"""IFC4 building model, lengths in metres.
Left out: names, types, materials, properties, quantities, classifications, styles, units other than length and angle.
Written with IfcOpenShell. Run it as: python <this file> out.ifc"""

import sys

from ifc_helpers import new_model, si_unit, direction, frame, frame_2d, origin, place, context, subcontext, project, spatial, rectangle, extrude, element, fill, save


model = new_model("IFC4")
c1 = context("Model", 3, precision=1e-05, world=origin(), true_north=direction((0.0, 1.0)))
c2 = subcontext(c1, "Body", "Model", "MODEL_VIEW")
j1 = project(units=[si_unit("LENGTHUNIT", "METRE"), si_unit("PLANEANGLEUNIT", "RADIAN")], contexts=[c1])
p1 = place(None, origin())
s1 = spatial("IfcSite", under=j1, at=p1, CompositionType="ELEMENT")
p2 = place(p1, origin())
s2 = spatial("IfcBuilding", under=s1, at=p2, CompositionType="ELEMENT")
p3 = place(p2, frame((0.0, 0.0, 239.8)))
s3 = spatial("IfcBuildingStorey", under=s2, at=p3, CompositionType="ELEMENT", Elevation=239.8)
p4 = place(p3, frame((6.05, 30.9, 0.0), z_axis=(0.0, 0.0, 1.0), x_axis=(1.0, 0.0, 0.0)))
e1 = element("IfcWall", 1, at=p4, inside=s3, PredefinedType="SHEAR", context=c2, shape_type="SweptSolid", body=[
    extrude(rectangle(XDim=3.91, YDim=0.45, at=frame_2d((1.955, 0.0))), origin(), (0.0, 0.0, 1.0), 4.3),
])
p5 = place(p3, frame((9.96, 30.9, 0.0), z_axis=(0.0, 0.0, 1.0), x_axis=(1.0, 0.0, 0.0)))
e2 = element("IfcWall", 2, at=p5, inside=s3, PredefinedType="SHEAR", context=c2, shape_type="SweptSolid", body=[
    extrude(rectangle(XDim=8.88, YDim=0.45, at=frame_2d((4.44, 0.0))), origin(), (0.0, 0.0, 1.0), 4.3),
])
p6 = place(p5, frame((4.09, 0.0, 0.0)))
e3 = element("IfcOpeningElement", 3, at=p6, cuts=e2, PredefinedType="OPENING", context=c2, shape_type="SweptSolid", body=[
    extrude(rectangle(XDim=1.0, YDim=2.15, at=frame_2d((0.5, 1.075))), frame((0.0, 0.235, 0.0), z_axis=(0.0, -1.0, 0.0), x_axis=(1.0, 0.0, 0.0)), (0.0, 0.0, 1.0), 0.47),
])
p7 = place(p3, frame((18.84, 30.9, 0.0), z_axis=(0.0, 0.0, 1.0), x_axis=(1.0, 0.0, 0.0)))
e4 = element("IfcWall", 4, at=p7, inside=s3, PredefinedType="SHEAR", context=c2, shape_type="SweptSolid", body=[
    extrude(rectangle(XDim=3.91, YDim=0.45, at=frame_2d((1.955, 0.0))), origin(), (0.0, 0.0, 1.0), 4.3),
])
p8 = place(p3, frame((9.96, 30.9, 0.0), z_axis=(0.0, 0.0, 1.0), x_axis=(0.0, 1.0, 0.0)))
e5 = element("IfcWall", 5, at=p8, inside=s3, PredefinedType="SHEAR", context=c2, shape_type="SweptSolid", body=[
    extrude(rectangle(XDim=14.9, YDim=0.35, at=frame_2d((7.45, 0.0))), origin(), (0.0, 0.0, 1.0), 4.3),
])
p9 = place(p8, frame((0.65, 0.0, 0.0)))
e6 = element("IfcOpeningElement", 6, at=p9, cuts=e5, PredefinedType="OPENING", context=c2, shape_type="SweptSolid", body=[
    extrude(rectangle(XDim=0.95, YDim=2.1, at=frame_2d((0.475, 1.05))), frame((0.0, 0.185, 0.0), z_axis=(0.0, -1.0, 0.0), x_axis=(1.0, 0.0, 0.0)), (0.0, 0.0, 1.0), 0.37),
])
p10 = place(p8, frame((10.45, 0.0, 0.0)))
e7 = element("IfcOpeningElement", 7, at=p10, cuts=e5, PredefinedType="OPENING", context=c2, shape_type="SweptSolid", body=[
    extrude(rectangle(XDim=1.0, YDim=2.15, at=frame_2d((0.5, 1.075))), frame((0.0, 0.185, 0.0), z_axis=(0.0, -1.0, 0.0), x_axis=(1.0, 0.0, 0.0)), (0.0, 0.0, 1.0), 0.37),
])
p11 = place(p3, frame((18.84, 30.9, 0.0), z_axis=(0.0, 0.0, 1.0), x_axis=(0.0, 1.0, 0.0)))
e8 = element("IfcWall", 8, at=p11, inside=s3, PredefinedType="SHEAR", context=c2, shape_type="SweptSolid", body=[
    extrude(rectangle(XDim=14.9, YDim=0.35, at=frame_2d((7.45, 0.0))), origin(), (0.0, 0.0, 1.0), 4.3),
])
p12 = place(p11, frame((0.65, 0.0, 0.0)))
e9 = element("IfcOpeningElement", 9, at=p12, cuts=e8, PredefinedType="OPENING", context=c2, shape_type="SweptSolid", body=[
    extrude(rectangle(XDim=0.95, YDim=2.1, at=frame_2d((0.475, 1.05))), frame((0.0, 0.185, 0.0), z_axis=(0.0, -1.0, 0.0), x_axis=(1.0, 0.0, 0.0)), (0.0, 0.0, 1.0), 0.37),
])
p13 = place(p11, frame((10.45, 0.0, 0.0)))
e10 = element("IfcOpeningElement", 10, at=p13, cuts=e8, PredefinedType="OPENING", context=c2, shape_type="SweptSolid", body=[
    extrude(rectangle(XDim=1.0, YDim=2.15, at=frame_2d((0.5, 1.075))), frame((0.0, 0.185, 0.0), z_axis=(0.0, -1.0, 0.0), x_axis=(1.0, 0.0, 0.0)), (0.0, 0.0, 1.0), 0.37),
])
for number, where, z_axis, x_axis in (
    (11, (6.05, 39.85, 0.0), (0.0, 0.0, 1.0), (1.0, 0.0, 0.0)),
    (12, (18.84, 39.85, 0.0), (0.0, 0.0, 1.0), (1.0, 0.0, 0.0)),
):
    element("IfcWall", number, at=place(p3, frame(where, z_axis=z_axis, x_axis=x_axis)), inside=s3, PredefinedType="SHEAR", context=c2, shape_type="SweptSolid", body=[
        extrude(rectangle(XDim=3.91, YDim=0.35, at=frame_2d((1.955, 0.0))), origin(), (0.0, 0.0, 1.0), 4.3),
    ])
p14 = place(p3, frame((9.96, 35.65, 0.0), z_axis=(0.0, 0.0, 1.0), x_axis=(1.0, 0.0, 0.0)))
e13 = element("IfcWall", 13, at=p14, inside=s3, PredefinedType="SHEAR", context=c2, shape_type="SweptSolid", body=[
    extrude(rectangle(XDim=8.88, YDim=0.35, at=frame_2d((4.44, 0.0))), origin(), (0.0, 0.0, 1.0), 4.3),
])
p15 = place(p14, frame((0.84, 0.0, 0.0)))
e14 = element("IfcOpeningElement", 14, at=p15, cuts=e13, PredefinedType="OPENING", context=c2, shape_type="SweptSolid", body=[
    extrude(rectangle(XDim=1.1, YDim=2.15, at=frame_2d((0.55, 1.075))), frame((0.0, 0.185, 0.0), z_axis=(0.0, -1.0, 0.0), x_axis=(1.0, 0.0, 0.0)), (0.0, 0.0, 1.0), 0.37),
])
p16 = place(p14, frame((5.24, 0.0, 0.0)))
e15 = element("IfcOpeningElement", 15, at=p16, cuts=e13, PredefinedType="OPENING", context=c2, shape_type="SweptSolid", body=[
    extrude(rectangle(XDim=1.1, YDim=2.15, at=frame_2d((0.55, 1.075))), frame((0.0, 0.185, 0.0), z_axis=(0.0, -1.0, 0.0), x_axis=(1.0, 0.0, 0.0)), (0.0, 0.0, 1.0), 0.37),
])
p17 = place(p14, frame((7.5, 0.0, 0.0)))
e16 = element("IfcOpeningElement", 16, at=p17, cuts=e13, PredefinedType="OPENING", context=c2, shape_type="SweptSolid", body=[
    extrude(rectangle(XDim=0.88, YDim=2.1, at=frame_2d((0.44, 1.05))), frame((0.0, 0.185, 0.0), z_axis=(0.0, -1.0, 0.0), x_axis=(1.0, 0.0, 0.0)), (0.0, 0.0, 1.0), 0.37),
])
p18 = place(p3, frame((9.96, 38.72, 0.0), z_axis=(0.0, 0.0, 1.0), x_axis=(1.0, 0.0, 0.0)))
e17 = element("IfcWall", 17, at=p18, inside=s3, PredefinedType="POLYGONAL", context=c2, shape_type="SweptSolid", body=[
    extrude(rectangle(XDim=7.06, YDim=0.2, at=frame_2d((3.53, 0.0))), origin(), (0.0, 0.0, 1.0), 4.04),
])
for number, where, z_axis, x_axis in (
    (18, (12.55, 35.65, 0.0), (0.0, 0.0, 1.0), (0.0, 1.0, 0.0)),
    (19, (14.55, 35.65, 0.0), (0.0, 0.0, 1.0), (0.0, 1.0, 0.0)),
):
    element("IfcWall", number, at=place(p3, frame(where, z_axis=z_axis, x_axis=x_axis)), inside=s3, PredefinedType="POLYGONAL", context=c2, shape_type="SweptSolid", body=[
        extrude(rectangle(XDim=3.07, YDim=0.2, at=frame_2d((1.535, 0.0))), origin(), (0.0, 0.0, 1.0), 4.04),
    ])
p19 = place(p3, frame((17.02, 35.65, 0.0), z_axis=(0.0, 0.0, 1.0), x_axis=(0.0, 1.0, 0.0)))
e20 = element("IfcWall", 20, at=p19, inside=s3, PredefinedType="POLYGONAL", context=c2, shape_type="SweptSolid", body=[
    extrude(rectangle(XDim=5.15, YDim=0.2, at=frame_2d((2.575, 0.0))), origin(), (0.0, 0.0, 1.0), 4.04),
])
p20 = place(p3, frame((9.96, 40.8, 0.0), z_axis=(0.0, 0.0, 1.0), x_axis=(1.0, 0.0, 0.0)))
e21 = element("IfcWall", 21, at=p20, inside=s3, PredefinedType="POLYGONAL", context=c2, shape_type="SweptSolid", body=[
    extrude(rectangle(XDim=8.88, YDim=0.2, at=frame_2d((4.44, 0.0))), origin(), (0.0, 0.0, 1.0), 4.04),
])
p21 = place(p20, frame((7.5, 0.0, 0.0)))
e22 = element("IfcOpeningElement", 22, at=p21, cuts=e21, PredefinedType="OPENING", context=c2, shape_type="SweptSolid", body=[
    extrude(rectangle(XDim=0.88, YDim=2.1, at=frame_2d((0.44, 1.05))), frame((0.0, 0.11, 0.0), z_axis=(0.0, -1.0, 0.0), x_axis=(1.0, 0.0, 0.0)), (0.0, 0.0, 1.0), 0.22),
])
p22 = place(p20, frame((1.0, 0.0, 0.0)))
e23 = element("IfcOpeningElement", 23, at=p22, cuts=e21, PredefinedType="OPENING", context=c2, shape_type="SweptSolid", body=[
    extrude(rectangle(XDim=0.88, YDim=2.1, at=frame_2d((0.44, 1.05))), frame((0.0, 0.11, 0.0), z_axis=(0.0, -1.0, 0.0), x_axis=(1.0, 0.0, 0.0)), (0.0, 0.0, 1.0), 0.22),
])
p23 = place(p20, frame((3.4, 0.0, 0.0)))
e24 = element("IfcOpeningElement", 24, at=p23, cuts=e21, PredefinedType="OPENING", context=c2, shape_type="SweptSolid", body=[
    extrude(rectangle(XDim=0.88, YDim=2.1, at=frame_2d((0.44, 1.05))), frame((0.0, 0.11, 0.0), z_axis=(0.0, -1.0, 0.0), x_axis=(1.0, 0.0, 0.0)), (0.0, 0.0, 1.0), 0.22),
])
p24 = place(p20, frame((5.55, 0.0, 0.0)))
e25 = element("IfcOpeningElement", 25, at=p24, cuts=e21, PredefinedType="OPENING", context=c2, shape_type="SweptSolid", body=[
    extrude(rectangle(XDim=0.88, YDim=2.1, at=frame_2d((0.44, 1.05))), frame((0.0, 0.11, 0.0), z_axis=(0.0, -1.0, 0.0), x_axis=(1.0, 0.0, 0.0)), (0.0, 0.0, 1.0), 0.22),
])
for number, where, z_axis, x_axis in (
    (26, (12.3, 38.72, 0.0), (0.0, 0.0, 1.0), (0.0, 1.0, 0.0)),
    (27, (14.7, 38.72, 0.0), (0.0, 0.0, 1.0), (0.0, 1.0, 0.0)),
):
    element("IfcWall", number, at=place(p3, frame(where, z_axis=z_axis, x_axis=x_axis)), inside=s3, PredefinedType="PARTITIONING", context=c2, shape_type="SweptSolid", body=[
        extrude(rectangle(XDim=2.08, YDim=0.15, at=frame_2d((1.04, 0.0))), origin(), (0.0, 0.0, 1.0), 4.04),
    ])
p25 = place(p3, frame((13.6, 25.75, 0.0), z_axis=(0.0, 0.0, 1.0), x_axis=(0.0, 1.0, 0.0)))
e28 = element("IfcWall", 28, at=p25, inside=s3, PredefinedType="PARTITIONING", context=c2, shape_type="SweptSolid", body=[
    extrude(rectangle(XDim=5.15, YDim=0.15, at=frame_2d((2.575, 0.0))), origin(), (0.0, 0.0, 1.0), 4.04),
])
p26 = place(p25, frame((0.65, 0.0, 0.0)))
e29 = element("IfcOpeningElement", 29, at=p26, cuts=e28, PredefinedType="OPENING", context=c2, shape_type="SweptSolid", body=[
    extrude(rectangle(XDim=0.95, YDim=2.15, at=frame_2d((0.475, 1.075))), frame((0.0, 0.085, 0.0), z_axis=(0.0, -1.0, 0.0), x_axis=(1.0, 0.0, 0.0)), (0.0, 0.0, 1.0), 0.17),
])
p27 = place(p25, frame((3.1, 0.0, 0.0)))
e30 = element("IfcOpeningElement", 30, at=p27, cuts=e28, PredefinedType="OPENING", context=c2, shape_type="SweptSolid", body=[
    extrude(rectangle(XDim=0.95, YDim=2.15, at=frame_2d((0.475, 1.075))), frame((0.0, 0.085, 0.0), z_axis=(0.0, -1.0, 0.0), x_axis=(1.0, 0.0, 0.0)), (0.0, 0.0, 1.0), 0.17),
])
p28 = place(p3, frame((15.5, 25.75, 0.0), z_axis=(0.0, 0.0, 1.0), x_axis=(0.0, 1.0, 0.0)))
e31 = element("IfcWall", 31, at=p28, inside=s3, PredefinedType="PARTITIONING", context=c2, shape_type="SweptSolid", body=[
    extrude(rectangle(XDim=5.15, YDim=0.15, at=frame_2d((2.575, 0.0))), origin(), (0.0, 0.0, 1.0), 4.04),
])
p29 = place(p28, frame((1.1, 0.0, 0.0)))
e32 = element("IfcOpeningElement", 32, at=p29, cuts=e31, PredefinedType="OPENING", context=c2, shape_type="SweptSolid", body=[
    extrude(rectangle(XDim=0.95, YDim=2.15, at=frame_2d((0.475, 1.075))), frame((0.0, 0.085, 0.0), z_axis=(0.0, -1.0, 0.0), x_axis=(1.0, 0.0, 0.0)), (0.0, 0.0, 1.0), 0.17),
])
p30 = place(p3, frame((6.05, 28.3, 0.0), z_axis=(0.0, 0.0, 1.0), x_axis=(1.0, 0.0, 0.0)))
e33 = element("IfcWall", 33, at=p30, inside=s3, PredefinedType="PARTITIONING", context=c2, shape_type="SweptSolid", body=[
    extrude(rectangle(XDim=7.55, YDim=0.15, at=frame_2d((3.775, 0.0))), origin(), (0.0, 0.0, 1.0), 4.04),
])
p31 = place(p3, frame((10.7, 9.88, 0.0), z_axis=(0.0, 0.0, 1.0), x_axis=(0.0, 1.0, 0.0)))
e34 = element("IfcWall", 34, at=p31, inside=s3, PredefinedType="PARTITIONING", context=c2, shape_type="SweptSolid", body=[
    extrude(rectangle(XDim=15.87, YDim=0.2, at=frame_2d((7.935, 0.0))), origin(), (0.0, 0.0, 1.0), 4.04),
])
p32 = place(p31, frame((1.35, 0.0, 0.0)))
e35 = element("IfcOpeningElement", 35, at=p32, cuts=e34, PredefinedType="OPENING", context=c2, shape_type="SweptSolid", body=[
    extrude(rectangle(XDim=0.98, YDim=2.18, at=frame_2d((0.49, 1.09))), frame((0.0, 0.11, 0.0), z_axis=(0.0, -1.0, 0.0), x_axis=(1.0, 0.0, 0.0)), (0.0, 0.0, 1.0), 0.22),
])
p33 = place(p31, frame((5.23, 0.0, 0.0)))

^^^^

Read the entries above, then pull out the lines that include "project".

Response:
from ifc_helpers import new_model, si_unit, direction, frame, frame_2d, origin, place, context, subcontext, project, spatial, rectangle, extrude, element, fill, save
j1 = project(units=[si_unit("LENGTHUNIT", "METRE"), si_unit("PLANEANGLEUNIT", "RADIAN")], contexts=[c1])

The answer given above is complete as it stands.